» **TO DO**
Reproduce exactly the lines from the line containing "6. Contour (2D) | 13 - 12 平铣刀" through the end of the records below, including both ends, and nothing else.
===== SUPPLIED MATERIAL =====
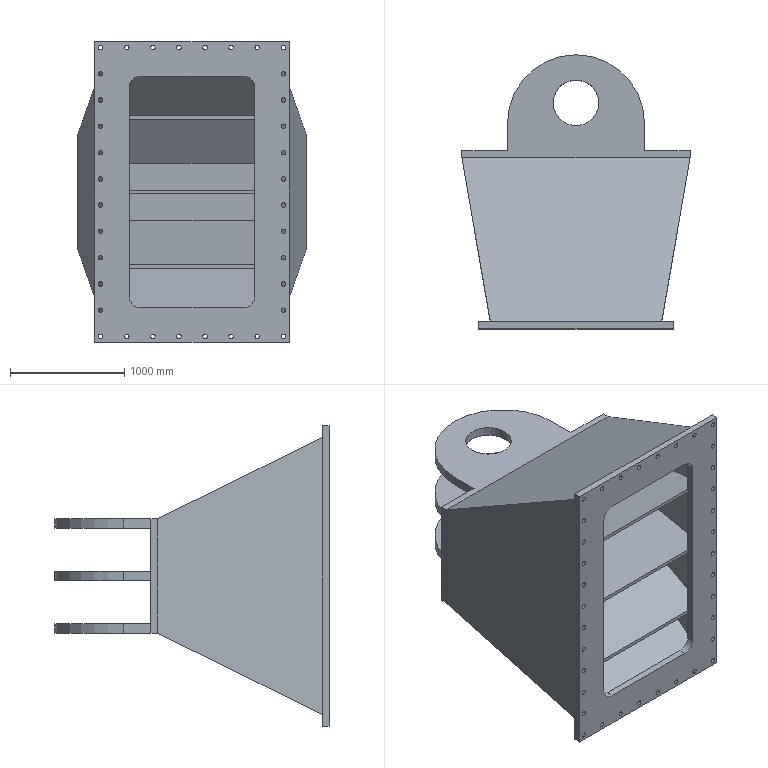Component | SolidWorks | FlexibleLegSaddleBody-1 | 1 solid | 146 faces | volume 1156094974 mm3 | cylinder 88 | plane 58 | commonest cylinder face diameters 40 x72 400 x6 1200 x6 200 x4
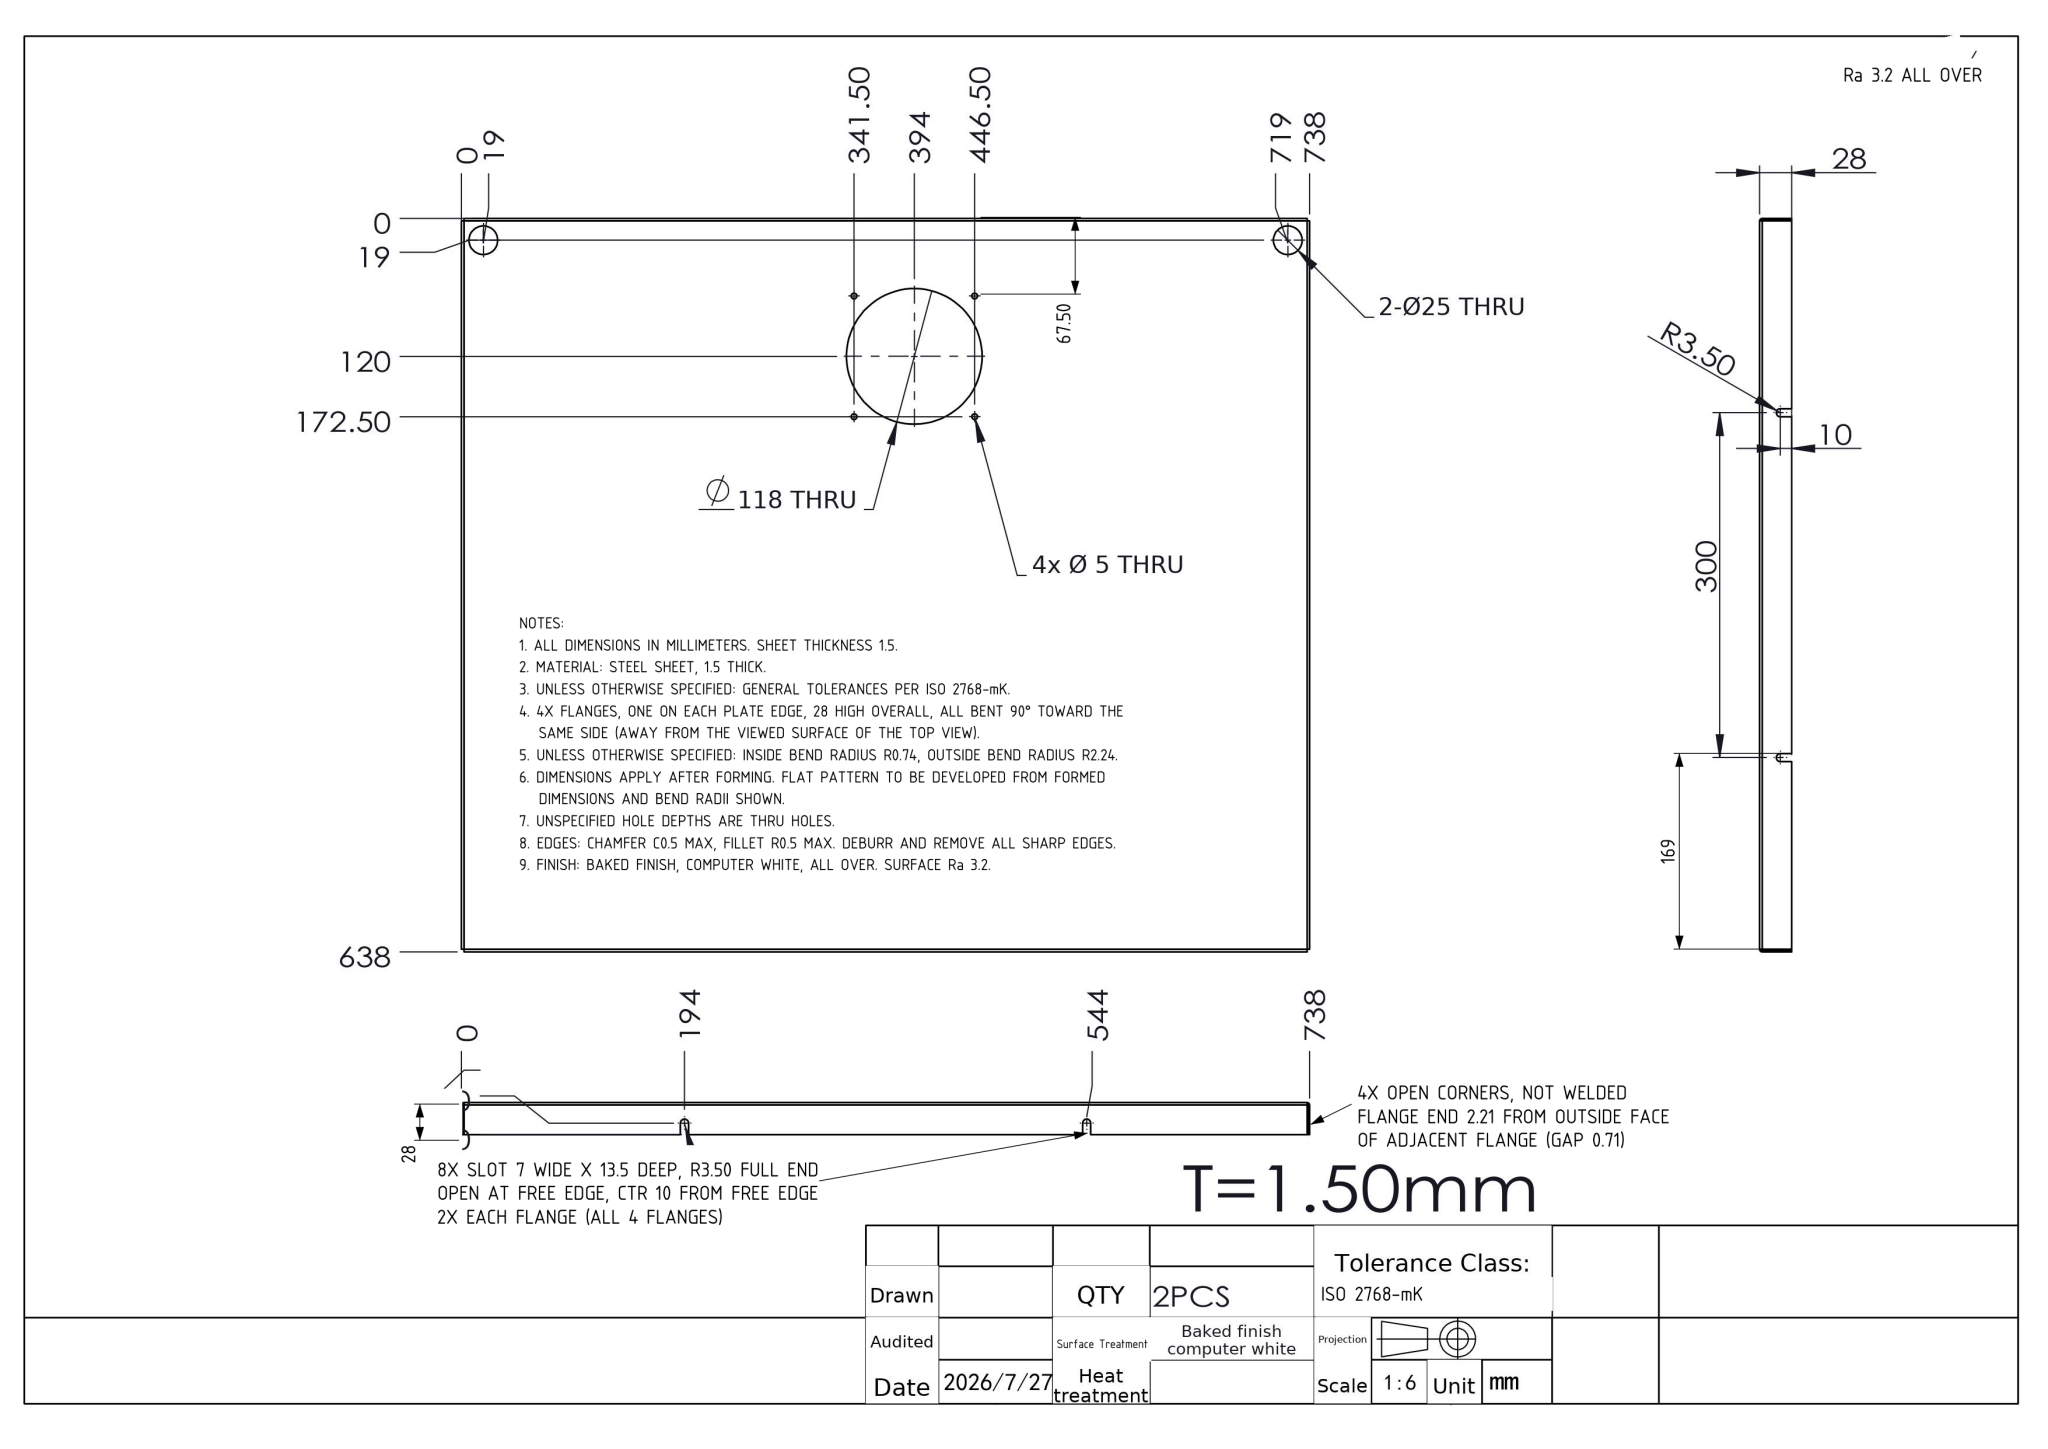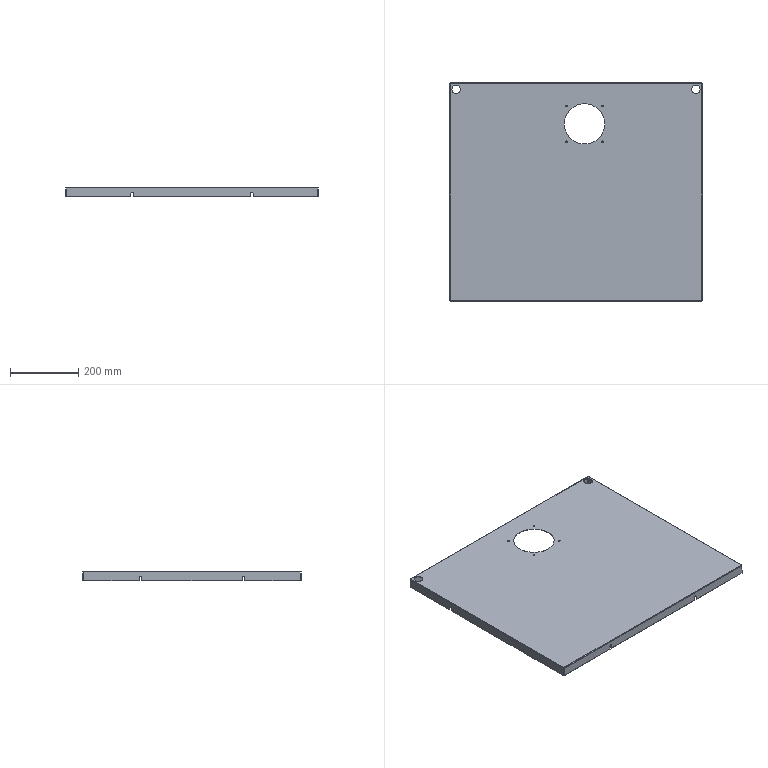Part | NX | mm | 1 solid | 84 faces | box 738 x 638 x 28 mm | volume 793245 mm3 | plane 46 | cylinder 30 | spline 8 | commonest cylinder face diameters 5 x8 7 x8 25 x4 4.473 x4 1.473 x4 118 x2
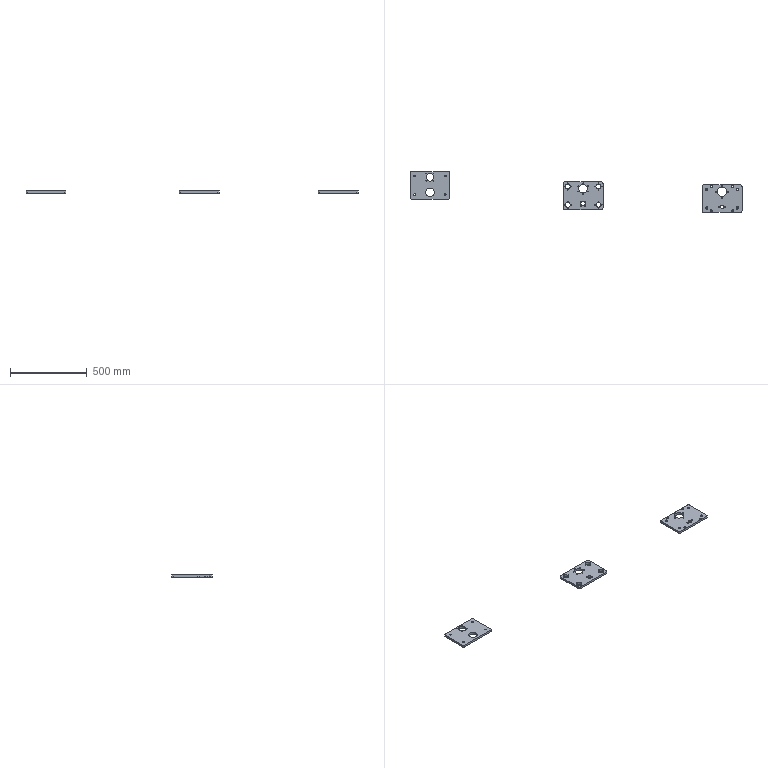CAM job | Mastercam | mm | 12 operations | part box 2728.38 x 1148.46 x 14
1. Facing | 24 - 63 平铣刀
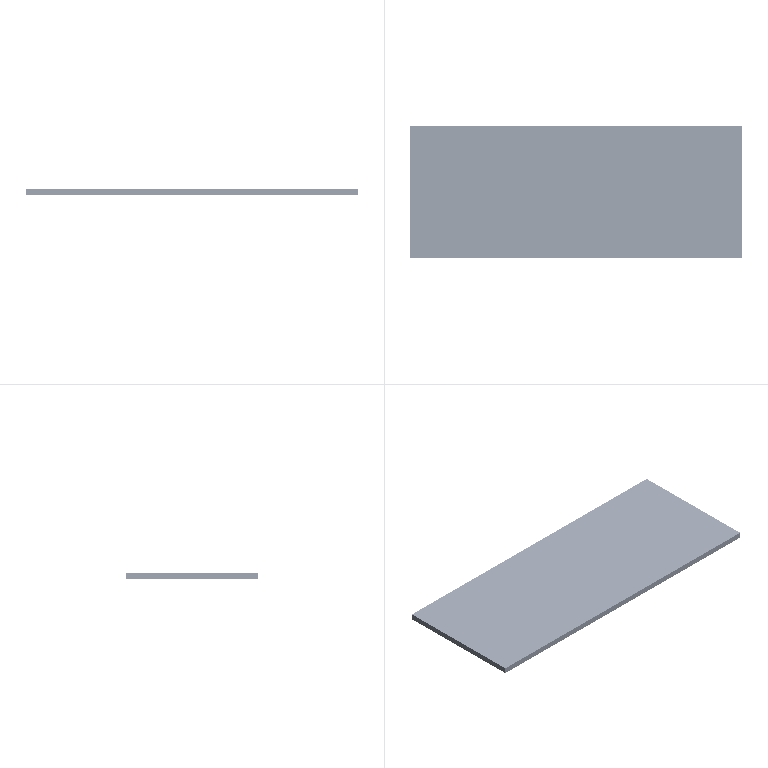2. Contour (Ramp) | 12 - 12 平铣刀
3. 2D High Speed (2D Dynamic Mill) | 12 - 12 平铣刀
4. Contour (2D) | 13 - 12 平铣刀
5. Contour (2D) | 13 - 12 平铣刀
6. Contour (2D) | 13 - 12 平铣刀
7. Drill/Counterbore | 7 - 6 倒角刀
8. Peck Drill | 1 - 10.5 钻头
9. Peck Drill | 2 - 4.3 钻头
10. Contour (2D chamfer) | 7 - 6 倒角刀
11. Contour (2D chamfer) | 7 - 6 倒角刀
12. Tap | 3 - M5 x 0.8 右牙
=====
» **WORKED SOLUTION**
6. Contour (2D) | 13 - 12 平铣刀
7. Drill/Counterbore | 7 - 6 倒角刀
8. Peck Drill | 1 - 10.5 钻头
9. Peck Drill | 2 - 4.3 钻头
10. Contour (2D chamfer) | 7 - 6 倒角刀
11. Contour (2D chamfer) | 7 - 6 倒角刀
12. Tap | 3 - M5 x 0.8 右牙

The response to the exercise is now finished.